Your task
What lines in the records include the string "stops"? Return each one.

[Start of section]

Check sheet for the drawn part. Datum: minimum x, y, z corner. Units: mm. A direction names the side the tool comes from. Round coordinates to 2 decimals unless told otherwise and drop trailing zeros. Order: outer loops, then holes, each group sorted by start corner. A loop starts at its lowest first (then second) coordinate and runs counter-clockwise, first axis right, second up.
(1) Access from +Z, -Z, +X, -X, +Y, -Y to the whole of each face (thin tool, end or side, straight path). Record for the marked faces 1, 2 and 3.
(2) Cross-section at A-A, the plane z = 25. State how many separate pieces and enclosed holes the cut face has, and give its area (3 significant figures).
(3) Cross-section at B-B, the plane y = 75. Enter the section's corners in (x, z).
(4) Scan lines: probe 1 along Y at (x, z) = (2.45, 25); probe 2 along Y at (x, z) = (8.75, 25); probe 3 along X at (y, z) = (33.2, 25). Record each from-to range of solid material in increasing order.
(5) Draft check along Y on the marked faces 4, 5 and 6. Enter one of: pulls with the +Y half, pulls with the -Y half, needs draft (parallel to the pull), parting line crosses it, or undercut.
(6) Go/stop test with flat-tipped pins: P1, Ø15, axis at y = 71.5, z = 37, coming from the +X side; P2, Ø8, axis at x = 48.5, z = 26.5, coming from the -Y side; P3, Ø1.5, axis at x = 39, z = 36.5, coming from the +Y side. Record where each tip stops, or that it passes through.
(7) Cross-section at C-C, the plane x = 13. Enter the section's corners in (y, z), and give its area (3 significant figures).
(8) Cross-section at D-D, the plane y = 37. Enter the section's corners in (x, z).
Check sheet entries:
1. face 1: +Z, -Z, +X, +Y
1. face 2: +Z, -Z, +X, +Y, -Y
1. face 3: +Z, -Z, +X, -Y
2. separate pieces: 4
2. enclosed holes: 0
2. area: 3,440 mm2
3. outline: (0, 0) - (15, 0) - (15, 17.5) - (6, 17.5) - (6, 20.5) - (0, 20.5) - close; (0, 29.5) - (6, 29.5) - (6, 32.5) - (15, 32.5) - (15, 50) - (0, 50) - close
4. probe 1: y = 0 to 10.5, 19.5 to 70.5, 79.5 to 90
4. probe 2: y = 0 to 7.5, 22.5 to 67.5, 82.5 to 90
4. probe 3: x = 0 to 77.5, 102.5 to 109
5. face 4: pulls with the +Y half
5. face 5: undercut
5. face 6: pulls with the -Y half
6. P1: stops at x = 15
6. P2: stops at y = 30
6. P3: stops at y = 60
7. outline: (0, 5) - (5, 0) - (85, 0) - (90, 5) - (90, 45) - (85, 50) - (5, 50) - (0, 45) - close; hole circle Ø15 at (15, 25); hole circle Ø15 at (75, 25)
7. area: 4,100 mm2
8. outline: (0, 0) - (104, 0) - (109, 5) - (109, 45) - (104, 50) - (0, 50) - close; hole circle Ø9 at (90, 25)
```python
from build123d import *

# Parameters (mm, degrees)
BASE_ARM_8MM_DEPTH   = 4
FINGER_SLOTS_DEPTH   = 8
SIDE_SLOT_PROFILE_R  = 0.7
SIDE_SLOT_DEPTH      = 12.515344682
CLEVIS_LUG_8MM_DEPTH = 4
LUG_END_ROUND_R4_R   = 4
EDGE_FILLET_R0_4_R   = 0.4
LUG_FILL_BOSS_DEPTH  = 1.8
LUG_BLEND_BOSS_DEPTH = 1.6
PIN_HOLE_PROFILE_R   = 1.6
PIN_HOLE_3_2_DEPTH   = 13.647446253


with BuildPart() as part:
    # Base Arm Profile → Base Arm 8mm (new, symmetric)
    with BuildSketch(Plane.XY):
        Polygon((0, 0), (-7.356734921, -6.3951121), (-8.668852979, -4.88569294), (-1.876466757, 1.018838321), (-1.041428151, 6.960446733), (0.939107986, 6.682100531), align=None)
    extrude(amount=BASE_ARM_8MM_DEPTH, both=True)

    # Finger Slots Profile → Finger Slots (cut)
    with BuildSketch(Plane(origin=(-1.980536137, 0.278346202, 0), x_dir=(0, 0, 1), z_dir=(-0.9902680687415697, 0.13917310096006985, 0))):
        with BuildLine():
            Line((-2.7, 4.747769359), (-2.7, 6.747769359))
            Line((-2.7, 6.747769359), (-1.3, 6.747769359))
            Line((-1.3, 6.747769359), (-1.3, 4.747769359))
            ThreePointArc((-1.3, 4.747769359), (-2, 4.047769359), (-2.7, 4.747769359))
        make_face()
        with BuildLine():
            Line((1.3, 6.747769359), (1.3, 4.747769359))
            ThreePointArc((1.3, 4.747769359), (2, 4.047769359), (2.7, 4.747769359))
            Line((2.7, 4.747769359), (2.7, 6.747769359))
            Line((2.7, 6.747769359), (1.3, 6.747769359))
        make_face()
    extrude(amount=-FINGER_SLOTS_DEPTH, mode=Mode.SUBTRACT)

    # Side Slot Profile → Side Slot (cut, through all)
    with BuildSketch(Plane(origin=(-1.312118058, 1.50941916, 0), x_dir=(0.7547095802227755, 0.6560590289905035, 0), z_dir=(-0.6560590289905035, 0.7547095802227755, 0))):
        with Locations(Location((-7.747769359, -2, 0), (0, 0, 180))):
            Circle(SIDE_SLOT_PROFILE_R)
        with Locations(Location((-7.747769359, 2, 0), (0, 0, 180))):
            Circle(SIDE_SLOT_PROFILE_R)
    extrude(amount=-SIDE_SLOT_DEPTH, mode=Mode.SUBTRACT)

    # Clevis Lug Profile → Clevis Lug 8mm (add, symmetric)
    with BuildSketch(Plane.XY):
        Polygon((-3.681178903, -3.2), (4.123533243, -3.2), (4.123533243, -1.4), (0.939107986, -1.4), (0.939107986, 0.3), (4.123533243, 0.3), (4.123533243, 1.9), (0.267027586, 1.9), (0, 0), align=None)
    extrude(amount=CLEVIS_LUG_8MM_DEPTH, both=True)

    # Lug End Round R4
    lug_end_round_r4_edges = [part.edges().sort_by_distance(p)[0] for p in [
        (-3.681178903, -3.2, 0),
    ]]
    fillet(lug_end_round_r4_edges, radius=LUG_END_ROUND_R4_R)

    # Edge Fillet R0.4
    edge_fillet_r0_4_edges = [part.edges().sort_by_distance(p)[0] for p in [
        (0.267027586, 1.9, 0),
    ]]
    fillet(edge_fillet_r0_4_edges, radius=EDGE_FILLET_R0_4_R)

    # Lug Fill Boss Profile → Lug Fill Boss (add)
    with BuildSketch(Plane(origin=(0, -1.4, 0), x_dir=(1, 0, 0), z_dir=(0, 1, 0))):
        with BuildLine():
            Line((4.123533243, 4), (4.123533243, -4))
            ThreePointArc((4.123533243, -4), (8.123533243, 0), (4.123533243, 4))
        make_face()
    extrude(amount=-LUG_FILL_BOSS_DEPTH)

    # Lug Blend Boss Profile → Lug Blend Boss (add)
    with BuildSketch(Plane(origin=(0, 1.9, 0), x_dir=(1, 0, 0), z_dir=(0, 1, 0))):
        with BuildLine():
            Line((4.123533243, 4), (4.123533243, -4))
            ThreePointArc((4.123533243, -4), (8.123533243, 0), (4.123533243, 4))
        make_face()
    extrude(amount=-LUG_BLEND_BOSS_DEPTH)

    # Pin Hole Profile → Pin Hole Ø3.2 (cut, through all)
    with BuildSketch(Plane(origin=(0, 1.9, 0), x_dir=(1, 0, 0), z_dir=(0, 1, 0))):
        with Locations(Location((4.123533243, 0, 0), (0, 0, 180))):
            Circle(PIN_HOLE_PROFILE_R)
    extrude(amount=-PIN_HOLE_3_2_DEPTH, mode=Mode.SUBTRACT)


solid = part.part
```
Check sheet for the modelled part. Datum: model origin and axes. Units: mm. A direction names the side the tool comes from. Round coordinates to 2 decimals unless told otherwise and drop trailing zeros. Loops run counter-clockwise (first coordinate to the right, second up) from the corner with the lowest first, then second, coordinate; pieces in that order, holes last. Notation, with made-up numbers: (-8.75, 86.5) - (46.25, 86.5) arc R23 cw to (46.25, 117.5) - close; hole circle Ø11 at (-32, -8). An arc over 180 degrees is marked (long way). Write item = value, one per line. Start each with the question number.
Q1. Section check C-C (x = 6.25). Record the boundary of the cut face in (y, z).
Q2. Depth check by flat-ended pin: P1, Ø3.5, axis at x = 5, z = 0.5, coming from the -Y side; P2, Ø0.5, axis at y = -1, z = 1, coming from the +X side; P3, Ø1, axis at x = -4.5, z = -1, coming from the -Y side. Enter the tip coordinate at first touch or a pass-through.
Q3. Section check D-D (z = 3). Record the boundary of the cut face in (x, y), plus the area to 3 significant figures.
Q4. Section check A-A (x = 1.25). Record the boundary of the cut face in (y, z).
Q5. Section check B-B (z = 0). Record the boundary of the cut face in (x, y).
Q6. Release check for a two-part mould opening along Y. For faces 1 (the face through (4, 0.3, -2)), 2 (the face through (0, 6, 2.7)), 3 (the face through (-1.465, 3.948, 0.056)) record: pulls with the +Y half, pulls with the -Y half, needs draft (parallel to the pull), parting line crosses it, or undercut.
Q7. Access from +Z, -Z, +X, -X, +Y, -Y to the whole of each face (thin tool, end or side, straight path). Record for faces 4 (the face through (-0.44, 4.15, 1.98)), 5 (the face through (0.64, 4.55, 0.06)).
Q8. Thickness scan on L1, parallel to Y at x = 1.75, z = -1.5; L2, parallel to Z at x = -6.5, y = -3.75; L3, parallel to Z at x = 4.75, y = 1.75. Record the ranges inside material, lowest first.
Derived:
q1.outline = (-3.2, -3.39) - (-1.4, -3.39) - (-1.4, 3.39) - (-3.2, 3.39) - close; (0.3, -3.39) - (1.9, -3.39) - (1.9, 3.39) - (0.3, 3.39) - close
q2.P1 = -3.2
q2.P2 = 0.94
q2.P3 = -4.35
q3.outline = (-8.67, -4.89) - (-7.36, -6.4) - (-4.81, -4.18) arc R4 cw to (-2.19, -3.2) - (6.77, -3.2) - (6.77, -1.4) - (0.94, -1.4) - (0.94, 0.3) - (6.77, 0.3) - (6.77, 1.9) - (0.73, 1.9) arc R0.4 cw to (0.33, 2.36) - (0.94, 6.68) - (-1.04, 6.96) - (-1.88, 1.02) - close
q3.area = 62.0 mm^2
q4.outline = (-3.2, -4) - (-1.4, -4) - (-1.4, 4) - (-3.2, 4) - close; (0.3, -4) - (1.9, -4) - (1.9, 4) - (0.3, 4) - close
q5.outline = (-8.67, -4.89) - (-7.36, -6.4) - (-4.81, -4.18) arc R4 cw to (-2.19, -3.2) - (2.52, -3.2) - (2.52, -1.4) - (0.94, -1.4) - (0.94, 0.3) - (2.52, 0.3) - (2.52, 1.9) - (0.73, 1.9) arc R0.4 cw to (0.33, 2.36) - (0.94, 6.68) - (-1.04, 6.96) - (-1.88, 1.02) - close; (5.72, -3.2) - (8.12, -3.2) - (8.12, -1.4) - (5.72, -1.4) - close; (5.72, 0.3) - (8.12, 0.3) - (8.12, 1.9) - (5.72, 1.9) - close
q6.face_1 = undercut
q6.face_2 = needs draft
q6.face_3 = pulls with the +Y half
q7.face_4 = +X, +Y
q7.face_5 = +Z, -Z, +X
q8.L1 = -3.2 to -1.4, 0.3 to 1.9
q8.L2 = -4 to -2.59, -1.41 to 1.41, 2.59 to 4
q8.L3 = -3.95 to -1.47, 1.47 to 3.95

[End of section]

Task answer
(6) Go/stop test with flat-tipped pins: P1, Ø15, axis at y = 71.5, z = 37, coming from the +X side; P2, Ø8, axis at x = 48.5, z = 26.5, coming from the -Y side; P3, Ø1.5, axis at x = 39, z = 36.5, coming from the +Y side. Record where each tip stops, or that it passes through.
6. P1: stops at x = 15
6. P2: stops at y = 30
6. P3: stops at y = 60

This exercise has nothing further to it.